== Supplied information ==
=== Begin Enclosure ===

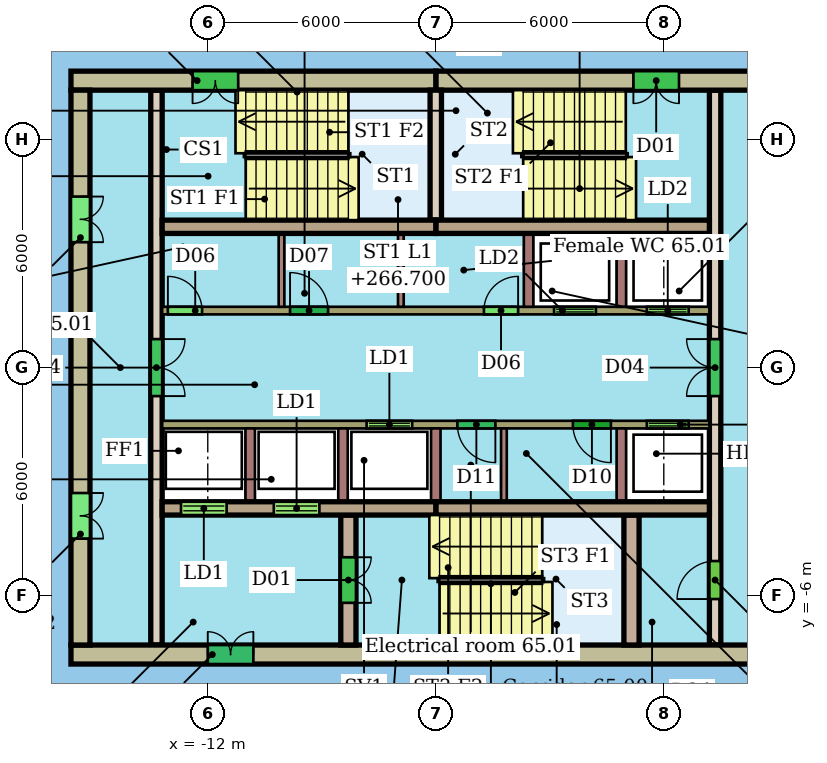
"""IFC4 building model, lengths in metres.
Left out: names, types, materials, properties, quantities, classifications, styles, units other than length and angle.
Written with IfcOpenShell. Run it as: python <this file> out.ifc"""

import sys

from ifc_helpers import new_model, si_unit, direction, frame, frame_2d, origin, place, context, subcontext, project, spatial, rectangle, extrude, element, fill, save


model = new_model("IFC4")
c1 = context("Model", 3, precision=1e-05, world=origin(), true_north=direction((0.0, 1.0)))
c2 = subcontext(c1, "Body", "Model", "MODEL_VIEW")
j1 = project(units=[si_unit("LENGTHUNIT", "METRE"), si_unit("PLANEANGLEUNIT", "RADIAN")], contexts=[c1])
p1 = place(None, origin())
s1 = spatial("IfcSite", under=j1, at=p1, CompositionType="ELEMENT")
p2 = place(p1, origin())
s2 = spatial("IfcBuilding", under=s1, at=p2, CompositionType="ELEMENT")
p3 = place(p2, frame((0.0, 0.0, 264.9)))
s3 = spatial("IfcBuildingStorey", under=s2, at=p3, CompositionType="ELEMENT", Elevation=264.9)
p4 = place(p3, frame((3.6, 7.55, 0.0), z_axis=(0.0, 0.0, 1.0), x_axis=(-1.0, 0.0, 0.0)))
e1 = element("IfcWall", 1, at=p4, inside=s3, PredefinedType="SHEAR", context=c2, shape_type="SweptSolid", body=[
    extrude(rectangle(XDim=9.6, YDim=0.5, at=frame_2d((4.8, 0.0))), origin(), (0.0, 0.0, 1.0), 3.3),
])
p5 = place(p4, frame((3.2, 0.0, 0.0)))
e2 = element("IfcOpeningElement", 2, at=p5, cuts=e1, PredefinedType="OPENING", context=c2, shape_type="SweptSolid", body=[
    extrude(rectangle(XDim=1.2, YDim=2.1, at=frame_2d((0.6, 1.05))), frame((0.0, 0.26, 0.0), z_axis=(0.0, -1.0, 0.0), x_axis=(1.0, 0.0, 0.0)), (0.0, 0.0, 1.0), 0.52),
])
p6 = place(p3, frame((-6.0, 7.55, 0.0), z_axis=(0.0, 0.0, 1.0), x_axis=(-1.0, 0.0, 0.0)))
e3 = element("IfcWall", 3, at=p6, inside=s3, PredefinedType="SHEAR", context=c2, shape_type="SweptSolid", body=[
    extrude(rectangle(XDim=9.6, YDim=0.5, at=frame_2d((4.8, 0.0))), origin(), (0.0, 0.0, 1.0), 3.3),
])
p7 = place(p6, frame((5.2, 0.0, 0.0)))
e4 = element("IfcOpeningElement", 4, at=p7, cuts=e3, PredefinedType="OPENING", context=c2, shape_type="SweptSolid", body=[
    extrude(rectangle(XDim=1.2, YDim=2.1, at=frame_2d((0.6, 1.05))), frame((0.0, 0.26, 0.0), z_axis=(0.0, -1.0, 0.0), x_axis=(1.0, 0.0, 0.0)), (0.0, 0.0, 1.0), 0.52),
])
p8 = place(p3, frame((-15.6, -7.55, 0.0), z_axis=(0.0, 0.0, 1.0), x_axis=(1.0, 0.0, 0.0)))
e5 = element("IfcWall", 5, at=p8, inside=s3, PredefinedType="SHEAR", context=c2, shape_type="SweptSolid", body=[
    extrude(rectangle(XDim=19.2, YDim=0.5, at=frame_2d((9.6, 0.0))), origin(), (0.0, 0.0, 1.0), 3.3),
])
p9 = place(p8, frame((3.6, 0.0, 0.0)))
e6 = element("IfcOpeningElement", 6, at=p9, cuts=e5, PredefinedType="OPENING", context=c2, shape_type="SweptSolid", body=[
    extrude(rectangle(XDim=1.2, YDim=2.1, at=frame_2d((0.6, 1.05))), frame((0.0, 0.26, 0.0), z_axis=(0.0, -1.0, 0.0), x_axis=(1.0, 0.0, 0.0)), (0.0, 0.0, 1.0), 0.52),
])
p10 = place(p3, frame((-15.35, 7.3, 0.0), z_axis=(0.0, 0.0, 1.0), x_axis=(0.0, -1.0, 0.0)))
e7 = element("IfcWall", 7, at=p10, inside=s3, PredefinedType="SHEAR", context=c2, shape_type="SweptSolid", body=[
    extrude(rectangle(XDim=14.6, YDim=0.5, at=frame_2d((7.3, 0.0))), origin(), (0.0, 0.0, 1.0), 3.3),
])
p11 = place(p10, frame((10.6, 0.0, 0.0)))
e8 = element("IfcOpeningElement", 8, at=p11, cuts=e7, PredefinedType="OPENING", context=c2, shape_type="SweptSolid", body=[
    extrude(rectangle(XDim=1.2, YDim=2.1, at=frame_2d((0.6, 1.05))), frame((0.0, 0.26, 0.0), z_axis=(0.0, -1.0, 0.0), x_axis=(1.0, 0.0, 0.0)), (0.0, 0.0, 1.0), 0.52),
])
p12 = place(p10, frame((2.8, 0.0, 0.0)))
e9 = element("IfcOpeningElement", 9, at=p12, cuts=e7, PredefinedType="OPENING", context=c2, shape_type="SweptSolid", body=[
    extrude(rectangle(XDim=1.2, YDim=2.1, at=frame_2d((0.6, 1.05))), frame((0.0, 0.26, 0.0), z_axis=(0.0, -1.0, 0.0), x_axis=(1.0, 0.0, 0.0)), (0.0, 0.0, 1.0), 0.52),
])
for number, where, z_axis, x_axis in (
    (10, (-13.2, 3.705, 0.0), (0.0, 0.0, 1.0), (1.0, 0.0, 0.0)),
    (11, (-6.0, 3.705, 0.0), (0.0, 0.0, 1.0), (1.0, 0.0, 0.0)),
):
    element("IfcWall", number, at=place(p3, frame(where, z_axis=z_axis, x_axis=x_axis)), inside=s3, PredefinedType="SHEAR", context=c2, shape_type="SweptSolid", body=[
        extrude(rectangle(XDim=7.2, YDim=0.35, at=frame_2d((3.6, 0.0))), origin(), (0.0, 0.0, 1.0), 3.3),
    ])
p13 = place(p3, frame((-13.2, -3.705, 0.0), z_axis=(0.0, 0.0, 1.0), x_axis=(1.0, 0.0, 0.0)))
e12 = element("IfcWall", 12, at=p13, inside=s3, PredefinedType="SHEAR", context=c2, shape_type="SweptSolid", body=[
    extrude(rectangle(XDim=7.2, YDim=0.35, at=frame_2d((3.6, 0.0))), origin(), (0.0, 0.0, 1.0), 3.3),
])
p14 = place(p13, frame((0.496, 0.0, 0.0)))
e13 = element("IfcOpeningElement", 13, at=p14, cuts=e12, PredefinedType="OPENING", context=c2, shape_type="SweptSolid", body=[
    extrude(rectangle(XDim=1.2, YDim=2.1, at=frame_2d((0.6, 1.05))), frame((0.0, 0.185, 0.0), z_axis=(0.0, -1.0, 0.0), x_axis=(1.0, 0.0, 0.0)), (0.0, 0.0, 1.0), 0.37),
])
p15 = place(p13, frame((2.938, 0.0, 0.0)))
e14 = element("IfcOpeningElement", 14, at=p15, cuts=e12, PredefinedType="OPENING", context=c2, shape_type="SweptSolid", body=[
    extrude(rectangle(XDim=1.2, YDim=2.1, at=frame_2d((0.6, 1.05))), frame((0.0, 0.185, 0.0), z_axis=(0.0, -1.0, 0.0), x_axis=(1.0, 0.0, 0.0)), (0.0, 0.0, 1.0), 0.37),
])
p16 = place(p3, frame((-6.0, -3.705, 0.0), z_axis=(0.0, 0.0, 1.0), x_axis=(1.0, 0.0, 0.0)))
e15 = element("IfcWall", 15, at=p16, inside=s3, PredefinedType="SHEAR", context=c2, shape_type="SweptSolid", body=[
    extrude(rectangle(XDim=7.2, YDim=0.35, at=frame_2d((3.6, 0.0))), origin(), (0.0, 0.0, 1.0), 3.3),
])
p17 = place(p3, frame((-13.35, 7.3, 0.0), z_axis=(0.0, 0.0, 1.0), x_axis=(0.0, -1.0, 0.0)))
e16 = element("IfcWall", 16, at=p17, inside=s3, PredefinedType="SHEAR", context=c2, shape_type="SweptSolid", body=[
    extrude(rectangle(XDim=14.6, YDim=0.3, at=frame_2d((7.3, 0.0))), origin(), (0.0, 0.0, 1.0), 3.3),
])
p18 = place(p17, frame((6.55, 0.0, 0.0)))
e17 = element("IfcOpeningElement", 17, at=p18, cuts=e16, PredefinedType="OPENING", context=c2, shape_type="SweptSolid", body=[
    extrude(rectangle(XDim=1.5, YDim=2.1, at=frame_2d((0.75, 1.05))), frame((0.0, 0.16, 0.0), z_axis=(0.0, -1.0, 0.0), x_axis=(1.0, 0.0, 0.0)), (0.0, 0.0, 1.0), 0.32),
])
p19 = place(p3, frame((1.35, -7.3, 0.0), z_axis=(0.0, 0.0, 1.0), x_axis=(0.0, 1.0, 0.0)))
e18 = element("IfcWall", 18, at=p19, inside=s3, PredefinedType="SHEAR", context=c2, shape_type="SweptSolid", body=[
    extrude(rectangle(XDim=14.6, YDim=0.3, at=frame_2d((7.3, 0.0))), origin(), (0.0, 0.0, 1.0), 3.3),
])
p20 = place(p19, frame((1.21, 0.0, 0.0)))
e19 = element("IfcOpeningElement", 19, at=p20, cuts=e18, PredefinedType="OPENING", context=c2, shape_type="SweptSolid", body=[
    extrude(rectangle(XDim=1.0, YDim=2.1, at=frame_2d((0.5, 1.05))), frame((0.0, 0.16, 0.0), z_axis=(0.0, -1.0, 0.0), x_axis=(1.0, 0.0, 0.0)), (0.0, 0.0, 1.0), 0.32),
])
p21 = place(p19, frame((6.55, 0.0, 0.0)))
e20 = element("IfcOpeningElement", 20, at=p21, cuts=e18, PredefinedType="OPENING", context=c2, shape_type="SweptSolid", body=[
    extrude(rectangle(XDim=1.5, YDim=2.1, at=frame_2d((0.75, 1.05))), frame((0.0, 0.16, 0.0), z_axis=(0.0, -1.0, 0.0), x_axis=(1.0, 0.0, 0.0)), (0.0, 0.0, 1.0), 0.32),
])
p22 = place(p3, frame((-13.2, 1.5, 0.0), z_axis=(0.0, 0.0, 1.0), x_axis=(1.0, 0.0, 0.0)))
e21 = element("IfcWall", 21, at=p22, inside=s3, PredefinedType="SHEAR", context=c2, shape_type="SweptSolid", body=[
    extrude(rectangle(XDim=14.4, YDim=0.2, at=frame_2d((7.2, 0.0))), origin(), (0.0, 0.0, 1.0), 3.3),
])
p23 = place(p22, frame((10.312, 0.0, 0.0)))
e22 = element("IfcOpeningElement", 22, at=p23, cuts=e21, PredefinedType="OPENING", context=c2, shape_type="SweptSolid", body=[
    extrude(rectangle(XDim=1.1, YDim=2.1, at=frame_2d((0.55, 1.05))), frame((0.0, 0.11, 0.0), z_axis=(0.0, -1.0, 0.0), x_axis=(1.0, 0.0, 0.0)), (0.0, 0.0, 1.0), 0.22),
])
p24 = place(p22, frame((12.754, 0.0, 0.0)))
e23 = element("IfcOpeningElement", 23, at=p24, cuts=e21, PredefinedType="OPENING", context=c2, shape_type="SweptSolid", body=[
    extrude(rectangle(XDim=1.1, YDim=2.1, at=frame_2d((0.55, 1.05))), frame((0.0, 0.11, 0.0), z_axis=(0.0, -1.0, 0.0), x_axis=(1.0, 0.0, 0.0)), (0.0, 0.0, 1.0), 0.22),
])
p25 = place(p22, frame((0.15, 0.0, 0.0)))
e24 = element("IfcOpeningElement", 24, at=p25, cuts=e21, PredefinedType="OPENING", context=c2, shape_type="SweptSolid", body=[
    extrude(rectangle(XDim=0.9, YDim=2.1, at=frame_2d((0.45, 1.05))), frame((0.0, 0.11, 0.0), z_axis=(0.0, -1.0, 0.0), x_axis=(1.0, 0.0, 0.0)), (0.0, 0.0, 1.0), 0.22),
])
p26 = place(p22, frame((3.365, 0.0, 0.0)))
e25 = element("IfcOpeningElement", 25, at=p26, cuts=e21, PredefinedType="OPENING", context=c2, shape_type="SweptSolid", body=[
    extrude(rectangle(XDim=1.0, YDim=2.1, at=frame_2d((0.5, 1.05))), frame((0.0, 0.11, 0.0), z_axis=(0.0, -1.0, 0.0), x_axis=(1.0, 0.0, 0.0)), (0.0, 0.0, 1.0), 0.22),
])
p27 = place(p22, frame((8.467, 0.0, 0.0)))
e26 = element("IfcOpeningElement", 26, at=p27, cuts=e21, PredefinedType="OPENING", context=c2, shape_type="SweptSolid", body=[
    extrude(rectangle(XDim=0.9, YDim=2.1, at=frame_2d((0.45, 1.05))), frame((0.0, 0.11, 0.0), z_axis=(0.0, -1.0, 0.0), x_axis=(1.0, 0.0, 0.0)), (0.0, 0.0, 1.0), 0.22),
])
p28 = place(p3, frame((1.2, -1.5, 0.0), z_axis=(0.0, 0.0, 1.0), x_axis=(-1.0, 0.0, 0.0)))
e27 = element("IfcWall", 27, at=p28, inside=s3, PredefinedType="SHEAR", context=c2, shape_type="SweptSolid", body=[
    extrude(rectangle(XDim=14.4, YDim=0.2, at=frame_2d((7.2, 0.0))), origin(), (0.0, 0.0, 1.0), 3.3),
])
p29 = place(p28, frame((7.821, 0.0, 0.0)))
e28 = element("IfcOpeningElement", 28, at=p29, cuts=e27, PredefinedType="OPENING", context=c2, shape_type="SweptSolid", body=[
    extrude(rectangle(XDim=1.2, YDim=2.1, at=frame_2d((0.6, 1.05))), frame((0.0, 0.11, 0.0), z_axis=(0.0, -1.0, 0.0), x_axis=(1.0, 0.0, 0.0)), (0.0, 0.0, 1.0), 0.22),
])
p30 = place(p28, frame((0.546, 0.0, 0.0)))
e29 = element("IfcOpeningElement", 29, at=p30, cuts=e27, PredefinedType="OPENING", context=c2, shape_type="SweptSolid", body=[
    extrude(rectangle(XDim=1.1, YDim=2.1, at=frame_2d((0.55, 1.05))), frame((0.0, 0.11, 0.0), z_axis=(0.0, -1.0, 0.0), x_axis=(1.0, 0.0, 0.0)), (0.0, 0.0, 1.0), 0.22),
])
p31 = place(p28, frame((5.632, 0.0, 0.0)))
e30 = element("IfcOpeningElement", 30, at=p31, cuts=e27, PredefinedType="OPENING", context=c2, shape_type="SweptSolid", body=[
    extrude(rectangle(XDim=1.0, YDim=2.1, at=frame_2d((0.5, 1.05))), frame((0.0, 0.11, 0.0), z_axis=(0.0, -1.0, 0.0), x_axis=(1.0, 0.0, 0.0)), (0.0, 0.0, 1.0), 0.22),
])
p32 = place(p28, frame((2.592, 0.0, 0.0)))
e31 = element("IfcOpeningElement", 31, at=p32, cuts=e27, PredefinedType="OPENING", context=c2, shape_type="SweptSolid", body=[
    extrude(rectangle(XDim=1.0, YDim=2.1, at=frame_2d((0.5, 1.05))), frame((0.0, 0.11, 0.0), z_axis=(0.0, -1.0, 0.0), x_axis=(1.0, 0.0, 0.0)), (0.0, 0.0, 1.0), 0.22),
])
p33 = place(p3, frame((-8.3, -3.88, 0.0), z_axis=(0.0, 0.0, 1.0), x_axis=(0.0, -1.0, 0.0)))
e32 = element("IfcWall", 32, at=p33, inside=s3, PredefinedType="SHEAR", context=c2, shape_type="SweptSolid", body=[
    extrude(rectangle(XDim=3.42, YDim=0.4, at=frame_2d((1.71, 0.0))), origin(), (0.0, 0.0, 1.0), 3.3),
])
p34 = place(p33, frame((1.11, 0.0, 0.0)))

=== End Enclosure ===

== Problem to solve ==
Only lines containing the word "number" should be copied from the material above.

== Answer to this exercise ==
for number, where, z_axis, x_axis in (
    element("IfcWall", number, at=place(p3, frame(where, z_axis=z_axis, x_axis=x_axis)), inside=s3, PredefinedType="SHEAR", context=c2, shape_type="SweptSolid", body=[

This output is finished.